Pull each line containing "solid" from the data.

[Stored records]
--------------------------------------------------
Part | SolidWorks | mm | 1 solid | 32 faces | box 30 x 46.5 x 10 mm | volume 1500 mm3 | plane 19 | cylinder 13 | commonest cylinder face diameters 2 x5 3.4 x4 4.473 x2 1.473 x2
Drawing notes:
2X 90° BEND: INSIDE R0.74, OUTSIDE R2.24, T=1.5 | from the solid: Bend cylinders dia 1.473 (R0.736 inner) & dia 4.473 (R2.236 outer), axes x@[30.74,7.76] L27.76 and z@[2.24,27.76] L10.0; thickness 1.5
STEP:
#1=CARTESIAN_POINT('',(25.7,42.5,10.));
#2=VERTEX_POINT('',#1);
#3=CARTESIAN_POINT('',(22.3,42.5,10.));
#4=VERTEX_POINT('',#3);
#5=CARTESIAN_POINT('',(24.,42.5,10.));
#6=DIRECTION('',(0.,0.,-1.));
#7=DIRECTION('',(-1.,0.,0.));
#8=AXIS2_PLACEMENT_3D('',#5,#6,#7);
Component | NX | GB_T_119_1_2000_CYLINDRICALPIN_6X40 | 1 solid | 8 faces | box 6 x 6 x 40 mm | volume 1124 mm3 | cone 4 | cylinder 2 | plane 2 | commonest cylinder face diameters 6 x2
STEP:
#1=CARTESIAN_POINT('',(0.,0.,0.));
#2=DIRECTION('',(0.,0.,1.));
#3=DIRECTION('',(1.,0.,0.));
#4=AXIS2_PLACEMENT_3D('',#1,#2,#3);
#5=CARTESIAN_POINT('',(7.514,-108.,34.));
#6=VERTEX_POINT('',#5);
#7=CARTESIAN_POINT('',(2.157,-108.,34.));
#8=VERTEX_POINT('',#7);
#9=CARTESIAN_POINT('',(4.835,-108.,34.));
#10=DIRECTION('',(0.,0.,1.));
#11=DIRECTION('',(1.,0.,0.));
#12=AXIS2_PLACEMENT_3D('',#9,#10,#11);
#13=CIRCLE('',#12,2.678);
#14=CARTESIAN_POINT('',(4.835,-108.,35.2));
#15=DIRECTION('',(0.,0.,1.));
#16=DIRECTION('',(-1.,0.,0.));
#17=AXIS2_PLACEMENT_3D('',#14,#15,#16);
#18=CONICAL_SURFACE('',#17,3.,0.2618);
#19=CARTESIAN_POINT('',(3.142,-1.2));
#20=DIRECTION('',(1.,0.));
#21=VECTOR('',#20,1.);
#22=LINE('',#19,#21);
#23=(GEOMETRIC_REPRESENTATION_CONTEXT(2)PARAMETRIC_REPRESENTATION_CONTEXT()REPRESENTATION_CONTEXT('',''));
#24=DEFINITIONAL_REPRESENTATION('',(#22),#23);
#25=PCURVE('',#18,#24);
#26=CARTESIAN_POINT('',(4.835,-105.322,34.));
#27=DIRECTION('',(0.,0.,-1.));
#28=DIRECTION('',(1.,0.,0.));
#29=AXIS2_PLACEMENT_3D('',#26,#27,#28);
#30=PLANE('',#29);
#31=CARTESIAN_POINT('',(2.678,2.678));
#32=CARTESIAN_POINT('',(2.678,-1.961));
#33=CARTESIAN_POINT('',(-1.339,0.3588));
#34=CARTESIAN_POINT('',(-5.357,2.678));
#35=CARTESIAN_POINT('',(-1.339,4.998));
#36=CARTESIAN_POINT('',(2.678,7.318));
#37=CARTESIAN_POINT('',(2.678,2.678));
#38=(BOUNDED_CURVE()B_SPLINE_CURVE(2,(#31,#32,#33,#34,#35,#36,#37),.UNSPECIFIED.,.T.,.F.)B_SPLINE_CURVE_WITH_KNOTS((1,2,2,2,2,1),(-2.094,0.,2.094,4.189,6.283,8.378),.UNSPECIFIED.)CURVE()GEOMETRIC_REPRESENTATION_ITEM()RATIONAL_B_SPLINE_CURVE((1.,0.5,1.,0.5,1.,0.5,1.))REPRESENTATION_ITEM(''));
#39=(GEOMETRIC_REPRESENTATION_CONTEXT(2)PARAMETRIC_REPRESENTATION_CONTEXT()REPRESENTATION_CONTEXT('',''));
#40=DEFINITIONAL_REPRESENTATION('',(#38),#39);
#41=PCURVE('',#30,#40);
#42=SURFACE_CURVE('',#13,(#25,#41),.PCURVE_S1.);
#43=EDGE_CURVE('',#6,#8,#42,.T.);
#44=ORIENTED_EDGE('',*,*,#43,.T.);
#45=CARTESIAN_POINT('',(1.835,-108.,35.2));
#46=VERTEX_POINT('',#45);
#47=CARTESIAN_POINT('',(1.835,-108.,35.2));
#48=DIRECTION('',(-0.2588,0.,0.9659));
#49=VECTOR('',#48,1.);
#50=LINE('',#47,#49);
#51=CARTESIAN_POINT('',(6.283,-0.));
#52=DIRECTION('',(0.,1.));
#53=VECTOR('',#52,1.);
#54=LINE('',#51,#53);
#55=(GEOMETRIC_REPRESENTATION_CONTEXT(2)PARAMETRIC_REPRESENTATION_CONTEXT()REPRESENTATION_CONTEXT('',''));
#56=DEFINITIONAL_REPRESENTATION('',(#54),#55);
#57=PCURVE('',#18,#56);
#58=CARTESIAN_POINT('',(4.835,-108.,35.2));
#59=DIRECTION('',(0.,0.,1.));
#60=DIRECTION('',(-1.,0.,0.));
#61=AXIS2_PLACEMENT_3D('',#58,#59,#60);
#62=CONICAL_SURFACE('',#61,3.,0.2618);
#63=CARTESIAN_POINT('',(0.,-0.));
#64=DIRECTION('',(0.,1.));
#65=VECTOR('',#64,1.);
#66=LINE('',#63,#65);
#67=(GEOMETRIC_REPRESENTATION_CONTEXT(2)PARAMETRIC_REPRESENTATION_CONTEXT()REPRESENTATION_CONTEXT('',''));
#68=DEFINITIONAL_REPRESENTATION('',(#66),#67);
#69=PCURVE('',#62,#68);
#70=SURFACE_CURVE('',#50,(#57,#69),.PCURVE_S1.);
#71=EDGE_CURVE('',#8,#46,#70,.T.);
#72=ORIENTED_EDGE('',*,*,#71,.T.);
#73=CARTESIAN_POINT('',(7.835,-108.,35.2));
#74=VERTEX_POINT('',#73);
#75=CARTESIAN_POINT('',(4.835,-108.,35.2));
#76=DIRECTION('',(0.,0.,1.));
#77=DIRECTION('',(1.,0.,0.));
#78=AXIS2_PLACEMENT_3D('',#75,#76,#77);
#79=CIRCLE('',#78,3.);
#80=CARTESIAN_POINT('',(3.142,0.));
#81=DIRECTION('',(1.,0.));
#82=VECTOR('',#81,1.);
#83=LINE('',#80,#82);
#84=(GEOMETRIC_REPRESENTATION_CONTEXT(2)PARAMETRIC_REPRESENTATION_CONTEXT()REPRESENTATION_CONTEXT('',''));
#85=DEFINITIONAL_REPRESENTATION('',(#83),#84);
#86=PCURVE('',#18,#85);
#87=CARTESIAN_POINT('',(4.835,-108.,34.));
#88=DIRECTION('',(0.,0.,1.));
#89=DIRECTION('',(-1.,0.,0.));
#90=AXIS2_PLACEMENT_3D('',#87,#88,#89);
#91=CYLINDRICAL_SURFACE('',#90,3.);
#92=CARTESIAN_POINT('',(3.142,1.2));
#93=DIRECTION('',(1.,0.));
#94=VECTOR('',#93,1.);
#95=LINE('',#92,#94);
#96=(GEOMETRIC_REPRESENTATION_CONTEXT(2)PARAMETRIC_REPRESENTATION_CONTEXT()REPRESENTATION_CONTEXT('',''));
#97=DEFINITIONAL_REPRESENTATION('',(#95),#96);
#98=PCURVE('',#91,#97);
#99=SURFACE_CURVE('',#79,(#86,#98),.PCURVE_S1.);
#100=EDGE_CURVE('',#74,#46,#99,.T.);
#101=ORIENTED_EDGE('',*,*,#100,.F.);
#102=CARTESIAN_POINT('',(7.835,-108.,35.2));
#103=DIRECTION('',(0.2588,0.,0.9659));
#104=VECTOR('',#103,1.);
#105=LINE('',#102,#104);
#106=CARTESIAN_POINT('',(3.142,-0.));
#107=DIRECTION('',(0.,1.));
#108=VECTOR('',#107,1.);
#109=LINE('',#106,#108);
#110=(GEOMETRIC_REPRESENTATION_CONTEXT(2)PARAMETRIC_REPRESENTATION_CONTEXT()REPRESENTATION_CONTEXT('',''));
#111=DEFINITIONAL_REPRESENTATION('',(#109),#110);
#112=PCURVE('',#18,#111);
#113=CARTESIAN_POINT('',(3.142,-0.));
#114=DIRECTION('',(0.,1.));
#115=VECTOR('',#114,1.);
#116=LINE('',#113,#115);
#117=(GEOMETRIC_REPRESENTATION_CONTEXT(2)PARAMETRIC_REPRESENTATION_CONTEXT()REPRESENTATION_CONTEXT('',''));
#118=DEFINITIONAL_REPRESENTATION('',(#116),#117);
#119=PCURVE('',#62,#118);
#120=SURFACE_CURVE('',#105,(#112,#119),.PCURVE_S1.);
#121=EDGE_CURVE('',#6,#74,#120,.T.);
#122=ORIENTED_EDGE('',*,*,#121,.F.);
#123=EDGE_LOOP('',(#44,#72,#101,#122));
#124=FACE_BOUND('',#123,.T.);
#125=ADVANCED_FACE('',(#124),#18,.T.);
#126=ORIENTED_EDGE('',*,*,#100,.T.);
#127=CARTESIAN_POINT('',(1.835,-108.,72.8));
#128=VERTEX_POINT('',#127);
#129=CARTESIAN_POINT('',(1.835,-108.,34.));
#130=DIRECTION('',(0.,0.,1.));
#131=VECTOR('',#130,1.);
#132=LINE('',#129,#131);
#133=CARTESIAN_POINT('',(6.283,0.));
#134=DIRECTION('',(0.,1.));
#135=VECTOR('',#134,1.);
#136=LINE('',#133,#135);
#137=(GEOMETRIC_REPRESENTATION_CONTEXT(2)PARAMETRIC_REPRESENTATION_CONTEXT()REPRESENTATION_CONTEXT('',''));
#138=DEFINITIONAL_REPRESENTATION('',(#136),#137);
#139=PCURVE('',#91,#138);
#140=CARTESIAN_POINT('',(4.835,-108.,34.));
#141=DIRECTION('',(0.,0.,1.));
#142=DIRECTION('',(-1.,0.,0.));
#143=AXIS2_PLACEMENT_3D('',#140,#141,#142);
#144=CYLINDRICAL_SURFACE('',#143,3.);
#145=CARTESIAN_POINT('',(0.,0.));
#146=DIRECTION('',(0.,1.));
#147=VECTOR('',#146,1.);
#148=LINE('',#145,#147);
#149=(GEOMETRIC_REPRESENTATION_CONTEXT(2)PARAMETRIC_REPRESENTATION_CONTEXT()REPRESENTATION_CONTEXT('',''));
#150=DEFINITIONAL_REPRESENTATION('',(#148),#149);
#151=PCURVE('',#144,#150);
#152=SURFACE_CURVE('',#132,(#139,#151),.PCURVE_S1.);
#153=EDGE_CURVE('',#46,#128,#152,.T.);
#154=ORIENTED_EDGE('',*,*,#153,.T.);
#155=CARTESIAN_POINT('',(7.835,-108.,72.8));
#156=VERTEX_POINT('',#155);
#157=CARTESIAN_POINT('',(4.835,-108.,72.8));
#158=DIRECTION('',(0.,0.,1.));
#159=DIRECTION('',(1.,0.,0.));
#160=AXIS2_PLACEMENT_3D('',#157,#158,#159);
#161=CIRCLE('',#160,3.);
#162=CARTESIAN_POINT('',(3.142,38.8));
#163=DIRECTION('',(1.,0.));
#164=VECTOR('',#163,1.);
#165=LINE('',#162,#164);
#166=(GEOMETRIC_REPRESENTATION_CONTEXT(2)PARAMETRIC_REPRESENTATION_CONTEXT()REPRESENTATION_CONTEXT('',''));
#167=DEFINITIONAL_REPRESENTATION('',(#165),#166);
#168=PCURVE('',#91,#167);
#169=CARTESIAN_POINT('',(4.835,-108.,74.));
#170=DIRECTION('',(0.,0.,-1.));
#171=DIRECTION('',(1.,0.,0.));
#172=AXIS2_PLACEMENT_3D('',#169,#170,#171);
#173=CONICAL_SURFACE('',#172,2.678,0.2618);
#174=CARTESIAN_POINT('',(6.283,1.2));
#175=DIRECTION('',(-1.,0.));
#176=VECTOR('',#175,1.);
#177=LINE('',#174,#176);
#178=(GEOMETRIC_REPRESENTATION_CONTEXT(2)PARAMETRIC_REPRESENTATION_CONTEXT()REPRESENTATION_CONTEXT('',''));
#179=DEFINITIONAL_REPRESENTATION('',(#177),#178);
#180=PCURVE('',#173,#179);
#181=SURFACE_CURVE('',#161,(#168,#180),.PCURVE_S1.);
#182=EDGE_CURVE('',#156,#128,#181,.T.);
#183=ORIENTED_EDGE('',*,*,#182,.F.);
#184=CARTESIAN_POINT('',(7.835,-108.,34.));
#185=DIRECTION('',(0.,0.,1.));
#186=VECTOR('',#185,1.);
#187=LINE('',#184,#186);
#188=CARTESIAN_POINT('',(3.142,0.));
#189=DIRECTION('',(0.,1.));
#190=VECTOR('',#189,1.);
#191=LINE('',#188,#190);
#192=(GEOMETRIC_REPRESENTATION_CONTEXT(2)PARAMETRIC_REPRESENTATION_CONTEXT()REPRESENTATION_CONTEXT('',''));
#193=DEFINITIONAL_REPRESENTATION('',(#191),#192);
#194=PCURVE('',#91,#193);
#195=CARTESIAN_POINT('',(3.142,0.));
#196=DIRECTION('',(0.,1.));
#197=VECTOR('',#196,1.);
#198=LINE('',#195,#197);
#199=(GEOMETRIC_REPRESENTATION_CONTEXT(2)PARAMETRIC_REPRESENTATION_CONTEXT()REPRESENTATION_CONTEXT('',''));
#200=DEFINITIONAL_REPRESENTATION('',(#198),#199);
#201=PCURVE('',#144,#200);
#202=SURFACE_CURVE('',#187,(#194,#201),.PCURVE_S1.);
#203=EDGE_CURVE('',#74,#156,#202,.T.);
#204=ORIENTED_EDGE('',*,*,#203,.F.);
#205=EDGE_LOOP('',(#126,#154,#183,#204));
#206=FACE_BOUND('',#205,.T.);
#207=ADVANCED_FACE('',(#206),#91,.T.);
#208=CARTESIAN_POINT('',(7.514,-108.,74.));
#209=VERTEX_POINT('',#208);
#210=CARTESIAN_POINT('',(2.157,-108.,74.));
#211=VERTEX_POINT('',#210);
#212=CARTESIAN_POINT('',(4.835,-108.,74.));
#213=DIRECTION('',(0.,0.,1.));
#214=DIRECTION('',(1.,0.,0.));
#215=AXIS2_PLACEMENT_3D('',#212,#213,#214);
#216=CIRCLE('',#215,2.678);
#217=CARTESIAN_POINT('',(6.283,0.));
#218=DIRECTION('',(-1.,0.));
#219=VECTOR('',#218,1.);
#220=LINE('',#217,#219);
--------------------------------------------------
Answer to this task:
Part | SolidWorks | mm | 1 solid | 32 faces | box 30 x 46.5 x 10 mm | volume 1500 mm3 | plane 19 | cylinder 13 | commonest cylinder face diameters 2 x5 3.4 x4 4.473 x2 1.473 x2
2X 90° BEND: INSIDE R0.74, OUTSIDE R2.24, T=1.5 | from the solid: Bend cylinders dia 1.473 (R0.736 inner) & dia 4.473 (R2.236 outer), axes x@[30.74,7.76] L27.76 and z@[2.24,27.76] L10.0; thickness 1.5
Component | NX | GB_T_119_1_2000_CYLINDRICALPIN_6X40 | 1 solid | 8 faces | box 6 x 6 x 40 mm | volume 1124 mm3 | cone 4 | cylinder 2 | plane 2 | commonest cylinder face diameters 6 x2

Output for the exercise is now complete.